Source records:

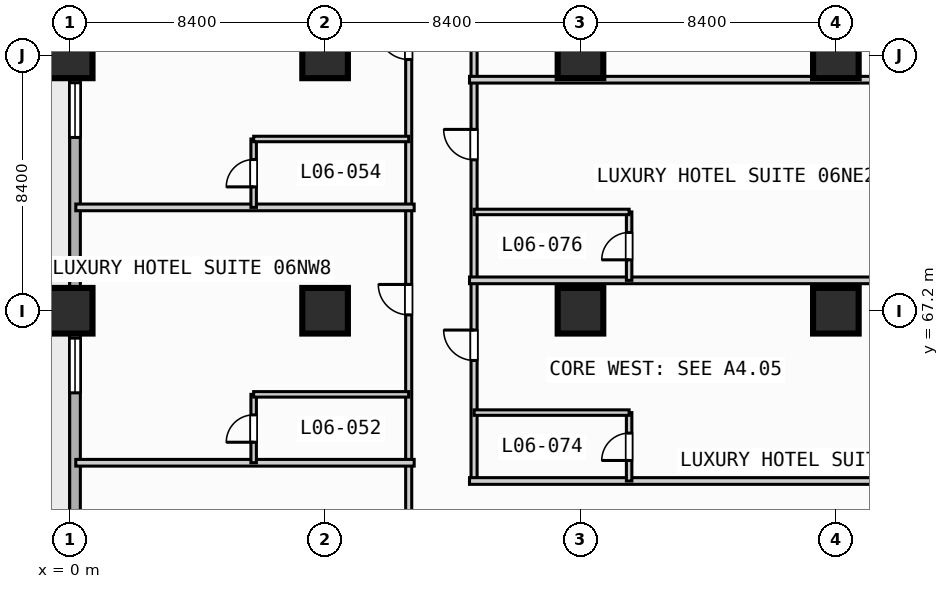
"""IFC4 building model, lengths in metres.
Left out: names, types, materials, properties, quantities, classifications, styles, units other than length and angle.
Written with IfcOpenShell. Run it as: python <this file> out.ifc"""

import sys

from ifc_helpers import new_model, si_unit, direction, frame, frame_2d, origin, origin_2d, place, context, subcontext, project, spatial, rectangle, extrude, element, fill, save


model = new_model("IFC4")
c1 = context("Model", 3, precision=1e-05, world=origin(), true_north=direction((0.0, 1.0)))
c2 = subcontext(c1, "Body", "Model", "MODEL_VIEW")
j1 = project(units=[si_unit("LENGTHUNIT", "METRE"), si_unit("PLANEANGLEUNIT", "RADIAN")], contexts=[c1])
p1 = place(None, origin())
s1 = spatial("IfcSite", under=j1, at=p1, CompositionType="ELEMENT")
p2 = place(p1, origin())
s2 = spatial("IfcBuilding", under=s1, at=p2, CompositionType="ELEMENT")
p3 = place(p2, frame((0.0, 0.0, 32.0)))
s3 = spatial("IfcBuildingStorey", under=s2, at=p3, CompositionType="ELEMENT", Elevation=32.0)
for number, where, z_axis, x_axis in (
    (1, (0.0, 67.2, 0.0), (0.0, 0.0, 1.0), (1.0, 0.0, 0.0)),
    (2, (0.0, 75.6, 0.0), (0.0, 0.0, 1.0), (1.0, 0.0, 0.0)),
    (3, (8.4, 67.2, 0.0), (0.0, 0.0, 1.0), (1.0, 0.0, 0.0)),
    (4, (8.4, 75.6, 0.0), (0.0, 0.0, 1.0), (1.0, 0.0, 0.0)),
    (5, (16.8, 67.2, 0.0), (0.0, 0.0, 1.0), (1.0, 0.0, 0.0)),
    (6, (16.8, 75.6, 0.0), (0.0, 0.0, 1.0), (1.0, 0.0, 0.0)),
    (7, (25.2, 67.2, 0.0), (0.0, 0.0, 1.0), (1.0, 0.0, 0.0)),
    (8, (25.2, 75.6, 0.0), (0.0, 0.0, 1.0), (1.0, 0.0, 0.0)),
):
    element("IfcColumn", number, at=place(p3, frame(where, z_axis=z_axis, x_axis=x_axis)), inside=s3, PredefinedType="COLUMN", context=c2, shape_type="SweptSolid", body=[
        extrude(rectangle(XDim=1.5, YDim=1.5, at=origin_2d()), origin(), (0.0, 0.0, 1.0), 3.8),
    ])
p4 = place(p3, frame((0.175, 3.175, 0.0), z_axis=(0.0, 0.0, 1.0), x_axis=(0.0, 1.0, 0.0)))
e9 = element("IfcWall", 9, at=p4, inside=s3, PredefinedType="STANDARD", context=c2, shape_type="SweptSolid", body=[
    extrude(rectangle(XDim=86.05, YDim=0.35, at=frame_2d((43.025, 0.0))), origin(), (0.0, 0.0, 1.0), 3.55),
])
p5 = place(p4, frame((42.825, 0.0, 0.0)))
e10 = element("IfcOpeningElement", 10, at=p5, cuts=e9, PredefinedType="OPENING", context=c2, shape_type="SweptSolid", body=[
    extrude(rectangle(XDim=1.4, YDim=2.2, at=frame_2d((0.7, 1.1))), frame((0.0, 0.185, 0.0), z_axis=(0.0, -1.0, 0.0), x_axis=(1.0, 0.0, 0.0)), (0.0, 0.0, 1.0), 0.37),
])
p6 = place(p4, frame((2.525, 0.0, 0.85)))
e11 = element("IfcOpeningElement", 11, at=p6, cuts=e9, PredefinedType="OPENING", context=c2, shape_type="SweptSolid", body=[
    extrude(rectangle(XDim=1.8, YDim=1.8, at=frame_2d((0.9, 0.9))), frame((0.0, 0.185, 0.0), z_axis=(0.0, -1.0, 0.0), x_axis=(1.0, 0.0, 0.0)), (0.0, 0.0, 1.0), 0.37),
])
p7 = place(p4, frame((10.925, 0.0, 0.85)))
e12 = element("IfcOpeningElement", 12, at=p7, cuts=e9, PredefinedType="OPENING", context=c2, shape_type="SweptSolid", body=[
    extrude(rectangle(XDim=1.8, YDim=1.8, at=frame_2d((0.9, 0.9))), frame((0.0, 0.185, 0.0), z_axis=(0.0, -1.0, 0.0), x_axis=(1.0, 0.0, 0.0)), (0.0, 0.0, 1.0), 0.37),
])
p8 = place(p4, frame((19.325, 0.0, 0.85)))
e13 = element("IfcOpeningElement", 13, at=p8, cuts=e9, PredefinedType="OPENING", context=c2, shape_type="SweptSolid", body=[
    extrude(rectangle(XDim=1.8, YDim=1.8, at=frame_2d((0.9, 0.9))), frame((0.0, 0.185, 0.0), z_axis=(0.0, -1.0, 0.0), x_axis=(1.0, 0.0, 0.0)), (0.0, 0.0, 1.0), 0.37),
])
p9 = place(p4, frame((27.725, 0.0, 0.85)))
e14 = element("IfcOpeningElement", 14, at=p9, cuts=e9, PredefinedType="OPENING", context=c2, shape_type="SweptSolid", body=[
    extrude(rectangle(XDim=1.8, YDim=1.8, at=frame_2d((0.9, 0.9))), frame((0.0, 0.185, 0.0), z_axis=(0.0, -1.0, 0.0), x_axis=(1.0, 0.0, 0.0)), (0.0, 0.0, 1.0), 0.37),
])
p10 = place(p4, frame((36.125, 0.0, 0.85)))
e15 = element("IfcOpeningElement", 15, at=p10, cuts=e9, PredefinedType="OPENING", context=c2, shape_type="SweptSolid", body=[
    extrude(rectangle(XDim=1.8, YDim=1.8, at=frame_2d((0.9, 0.9))), frame((0.0, 0.185, 0.0), z_axis=(0.0, -1.0, 0.0), x_axis=(1.0, 0.0, 0.0)), (0.0, 0.0, 1.0), 0.37),
])
p11 = place(p4, frame((52.925, 0.0, 0.85)))
e16 = element("IfcOpeningElement", 16, at=p11, cuts=e9, PredefinedType="OPENING", context=c2, shape_type="SweptSolid", body=[
    extrude(rectangle(XDim=1.8, YDim=1.8, at=frame_2d((0.9, 0.9))), frame((0.0, 0.185, 0.0), z_axis=(0.0, -1.0, 0.0), x_axis=(1.0, 0.0, 0.0)), (0.0, 0.0, 1.0), 0.37),
])
p12 = place(p4, frame((61.325, 0.0, 0.85)))
e17 = element("IfcOpeningElement", 17, at=p12, cuts=e9, PredefinedType="OPENING", context=c2, shape_type="SweptSolid", body=[
    extrude(rectangle(XDim=1.8, YDim=1.8, at=frame_2d((0.9, 0.9))), frame((0.0, 0.185, 0.0), z_axis=(0.0, -1.0, 0.0), x_axis=(1.0, 0.0, 0.0)), (0.0, 0.0, 1.0), 0.37),
])
p13 = place(p4, frame((69.725, 0.0, 0.85)))
e18 = element("IfcOpeningElement", 18, at=p13, cuts=e9, PredefinedType="OPENING", context=c2, shape_type="SweptSolid", body=[
    extrude(rectangle(XDim=1.8, YDim=1.8, at=frame_2d((0.9, 0.9))), frame((0.0, 0.185, 0.0), z_axis=(0.0, -1.0, 0.0), x_axis=(1.0, 0.0, 0.0)), (0.0, 0.0, 1.0), 0.37),
])
p14 = place(p4, frame((78.075, 0.0, 0.85)))
e19 = element("IfcOpeningElement", 19, at=p14, cuts=e9, PredefinedType="OPENING", context=c2, shape_type="SweptSolid", body=[
    extrude(rectangle(XDim=1.8, YDim=1.8, at=frame_2d((0.9, 0.9))), frame((0.0, 0.185, 0.0), z_axis=(0.0, -1.0, 0.0), x_axis=(1.0, 0.0, 0.0)), (0.0, 0.0, 1.0), 0.37),
])
p15 = place(p3, frame((11.15, 3.4, 0.0), z_axis=(0.0, 0.0, 1.0), x_axis=(0.0, 1.0, 0.0)))
e20 = element("IfcWall", 20, at=p15, inside=s3, PredefinedType="PARTITIONING", context=c2, shape_type="SweptSolid", body=[
    extrude(rectangle(XDim=85.4, YDim=0.2, at=frame_2d((42.7, 0.0))), origin(), (0.0, 0.0, 1.0), 3.55),
])
p16 = place(p15, frame((4.865, 0.0, 0.0)))
e21 = element("IfcOpeningElement", 21, at=p16, cuts=e20, PredefinedType="OPENING", context=c2, shape_type="SweptSolid", body=[
    extrude(rectangle(XDim=1.0, YDim=2.15, at=frame_2d((0.5, 1.075))), frame((0.0, 0.11, 0.0), z_axis=(0.0, -1.0, 0.0), x_axis=(1.0, 0.0, 0.0)), (0.0, 0.0, 1.0), 0.22),
])
p17 = place(p15, frame((13.265, 0.0, 0.0)))
e22 = element("IfcOpeningElement", 22, at=p17, cuts=e20, PredefinedType="OPENING", context=c2, shape_type="SweptSolid", body=[
    extrude(rectangle(XDim=1.0, YDim=2.15, at=frame_2d((0.5, 1.075))), frame((0.0, 0.11, 0.0), z_axis=(0.0, -1.0, 0.0), x_axis=(1.0, 0.0, 0.0)), (0.0, 0.0, 1.0), 0.22),
])
p18 = place(p15, frame((21.665, 0.0, 0.0)))
e23 = element("IfcOpeningElement", 23, at=p18, cuts=e20, PredefinedType="OPENING", context=c2, shape_type="SweptSolid", body=[
    extrude(rectangle(XDim=1.0, YDim=2.15, at=frame_2d((0.5, 1.075))), frame((0.0, 0.11, 0.0), z_axis=(0.0, -1.0, 0.0), x_axis=(1.0, 0.0, 0.0)), (0.0, 0.0, 1.0), 0.22),
])
p19 = place(p15, frame((30.065, 0.0, 0.0)))
e24 = element("IfcOpeningElement", 24, at=p19, cuts=e20, PredefinedType="OPENING", context=c2, shape_type="SweptSolid", body=[
    extrude(rectangle(XDim=1.0, YDim=2.15, at=frame_2d((0.5, 1.075))), frame((0.0, 0.11, 0.0), z_axis=(0.0, -1.0, 0.0), x_axis=(1.0, 0.0, 0.0)), (0.0, 0.0, 1.0), 0.22),
])
p20 = place(p15, frame((38.465, 0.0, 0.0)))
e25 = element("IfcOpeningElement", 25, at=p20, cuts=e20, PredefinedType="OPENING", context=c2, shape_type="SweptSolid", body=[
    extrude(rectangle(XDim=1.0, YDim=2.15, at=frame_2d((0.5, 1.075))), frame((0.0, 0.11, 0.0), z_axis=(0.0, -1.0, 0.0), x_axis=(1.0, 0.0, 0.0)), (0.0, 0.0, 1.0), 0.22),
])
p21 = place(p15, frame((46.865, 0.0, 0.0)))
e26 = element("IfcOpeningElement", 26, at=p21, cuts=e20, PredefinedType="OPENING", context=c2, shape_type="SweptSolid", body=[
    extrude(rectangle(XDim=1.0, YDim=2.15, at=frame_2d((0.5, 1.075))), frame((0.0, 0.11, 0.0), z_axis=(0.0, -1.0, 0.0), x_axis=(1.0, 0.0, 0.0)), (0.0, 0.0, 1.0), 0.22),
])
p22 = place(p15, frame((55.265, 0.0, 0.0)))
e27 = element("IfcOpeningElement", 27, at=p22, cuts=e20, PredefinedType="OPENING", context=c2, shape_type="SweptSolid", body=[
    extrude(rectangle(XDim=1.0, YDim=2.15, at=frame_2d((0.5, 1.075))), frame((0.0, 0.11, 0.0), z_axis=(0.0, -1.0, 0.0), x_axis=(1.0, 0.0, 0.0)), (0.0, 0.0, 1.0), 0.22),
])
p23 = place(p15, frame((63.665, 0.0, 0.0)))
e28 = element("IfcOpeningElement", 28, at=p23, cuts=e20, PredefinedType="OPENING", context=c2, shape_type="SweptSolid", body=[
    extrude(rectangle(XDim=1.0, YDim=2.15, at=frame_2d((0.5, 1.075))), frame((0.0, 0.11, 0.0), z_axis=(0.0, -1.0, 0.0), x_axis=(1.0, 0.0, 0.0)), (0.0, 0.0, 1.0), 0.22),
])
p24 = place(p15, frame((72.065, 0.0, 0.0)))
e29 = element("IfcOpeningElement", 29, at=p24, cuts=e20, PredefinedType="OPENING", context=c2, shape_type="SweptSolid", body=[
    extrude(rectangle(XDim=1.0, YDim=2.15, at=frame_2d((0.5, 1.075))), frame((0.0, 0.11, 0.0), z_axis=(0.0, -1.0, 0.0), x_axis=(1.0, 0.0, 0.0)), (0.0, 0.0, 1.0), 0.22),
])
p25 = place(p15, frame((81.165, 0.0, 0.0)))
e30 = element("IfcOpeningElement", 30, at=p25, cuts=e20, PredefinedType="OPENING", context=c2, shape_type="SweptSolid", body=[
    extrude(rectangle(XDim=1.0, YDim=2.15, at=frame_2d((0.5, 1.075))), frame((0.0, 0.11, 0.0), z_axis=(0.0, -1.0, 0.0), x_axis=(1.0, 0.0, 0.0)), (0.0, 0.0, 1.0), 0.22),
])
p26 = place(p3, frame((0.2, 62.2, 0.0), z_axis=(0.0, 0.0, 1.0), x_axis=(1.0, 0.0, 0.0)))
e31 = element("IfcWall", 31, at=p26, inside=s3, PredefinedType="PARTITIONING", context=c2, shape_type="SweptSolid", body=[
    extrude(rectangle(XDim=11.13, YDim=0.22, at=frame_2d((5.565, 0.0))), origin(), (0.0, 0.0, 1.0), 3.55),
])
p27 = place(p3, frame((6.05, 62.2, 0.0), z_axis=(0.0, 0.0, 1.0), x_axis=(0.0, 1.0, 0.0)))
e32 = element("IfcWall", 32, at=p27, inside=s3, PredefinedType="PLUMBINGWALL", context=c2, shape_type="SweptSolid", body=[
    extrude(rectangle(XDim=2.25, YDim=0.18, at=frame_2d((1.125, 0.0))), origin(), (0.0, 0.0, 1.0), 3.55),
])
p28 = place(p27, frame((0.675, 0.0, 0.0)))
e33 = element("IfcOpeningElement", 33, at=p28, cuts=e32, PredefinedType="OPENING", context=c2, shape_type="SweptSolid", body=[
    extrude(rectangle(XDim=0.9, YDim=2.1, at=frame_2d((0.45, 1.05))), frame((0.0, 0.1, 0.0), z_axis=(0.0, -1.0, 0.0), x_axis=(1.0, 0.0, 0.0)), (0.0, 0.0, 1.0), 0.2),
])
p29 = place(p3, frame((6.05, 64.45, 0.0), z_axis=(0.0, 0.0, 1.0), x_axis=(1.0, 0.0, 0.0)))
e34 = element("IfcWall", 34, at=p29, inside=s3, PredefinedType="PLUMBINGWALL", context=c2, shape_type="SweptSolid", body=[
    extrude(rectangle(XDim=5.1, YDim=0.18, at=frame_2d((2.55, 0.0))), origin(), (0.0, 0.0, 1.0), 3.55),
])
p30 = place(p3, frame((0.2, 70.6, 0.0), z_axis=(0.0, 0.0, 1.0), x_axis=(1.0, 0.0, 0.0)))
e35 = element("IfcWall", 35, at=p30, inside=s3, PredefinedType="PARTITIONING", context=c2, shape_type="SweptSolid", body=[
    extrude(rectangle(XDim=11.13, YDim=0.22, at=frame_2d((5.565, 0.0))), origin(), (0.0, 0.0, 1.0), 3.55),
])
p31 = place(p3, frame((6.05, 70.6, 0.0), z_axis=(0.0, 0.0, 1.0), x_axis=(0.0, 1.0, 0.0)))
e36 = element("IfcWall", 36, at=p31, inside=s3, PredefinedType="PLUMBINGWALL", context=c2, shape_type="SweptSolid", body=[
    extrude(rectangle(XDim=2.25, YDim=0.18, at=frame_2d((1.125, 0.0))), origin(), (0.0, 0.0, 1.0), 3.55),
])
p32 = place(p31, frame((0.675, 0.0, 0.0)))
e37 = element("IfcOpeningElement", 37, at=p32, cuts=e36, PredefinedType="OPENING", context=c2, shape_type="SweptSolid", body=[
    extrude(rectangle(XDim=0.9, YDim=2.1, at=frame_2d((0.45, 1.05))), frame((0.0, 0.1, 0.0), z_axis=(0.0, -1.0, 0.0), x_axis=(1.0, 0.0, 0.0)), (0.0, 0.0, 1.0), 0.2),
])
p33 = place(p3, frame((6.05, 72.85, 0.0), z_axis=(0.0, 0.0, 1.0), x_axis=(1.0, 0.0, 0.0)))
e38 = element("IfcWall", 38, at=p33, inside=s3, PredefinedType="PLUMBINGWALL", context=c2, shape_type="SweptSolid", body=[
    extrude(rectangle(XDim=5.1, YDim=0.18, at=frame_2d((2.55, 0.0))), origin(), (0.0, 0.0, 1.0), 3.55),
])
p34 = place(p3, frame((13.3, 61.6, 0.0), z_axis=(0.0, 0.0, 1.0), x_axis=(0.0, 1.0, 0.0)))
e39 = element("IfcWall", 39, at=p34, inside=s3, PredefinedType="PARTITIONING", context=c2, shape_type="SweptSolid", body=[
    extrude(rectangle(XDim=27.2, YDim=0.2, at=frame_2d((13.6, 0.0))), origin(), (0.0, 0.0, 1.0), 3.55),
])
p35 = place(p34, frame((3.965, 0.0, 0.0)))
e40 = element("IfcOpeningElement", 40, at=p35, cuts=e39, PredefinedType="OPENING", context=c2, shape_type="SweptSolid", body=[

- [Aim of the exercise]: Out of the records above, pull the lines that include the word "CompositionType".

- [Response box]:
s1 = spatial("IfcSite", under=j1, at=p1, CompositionType="ELEMENT")
s2 = spatial("IfcBuilding", under=s1, at=p2, CompositionType="ELEMENT")
s3 = spatial("IfcBuildingStorey", under=s2, at=p3, CompositionType="ELEMENT", Elevation=32.0)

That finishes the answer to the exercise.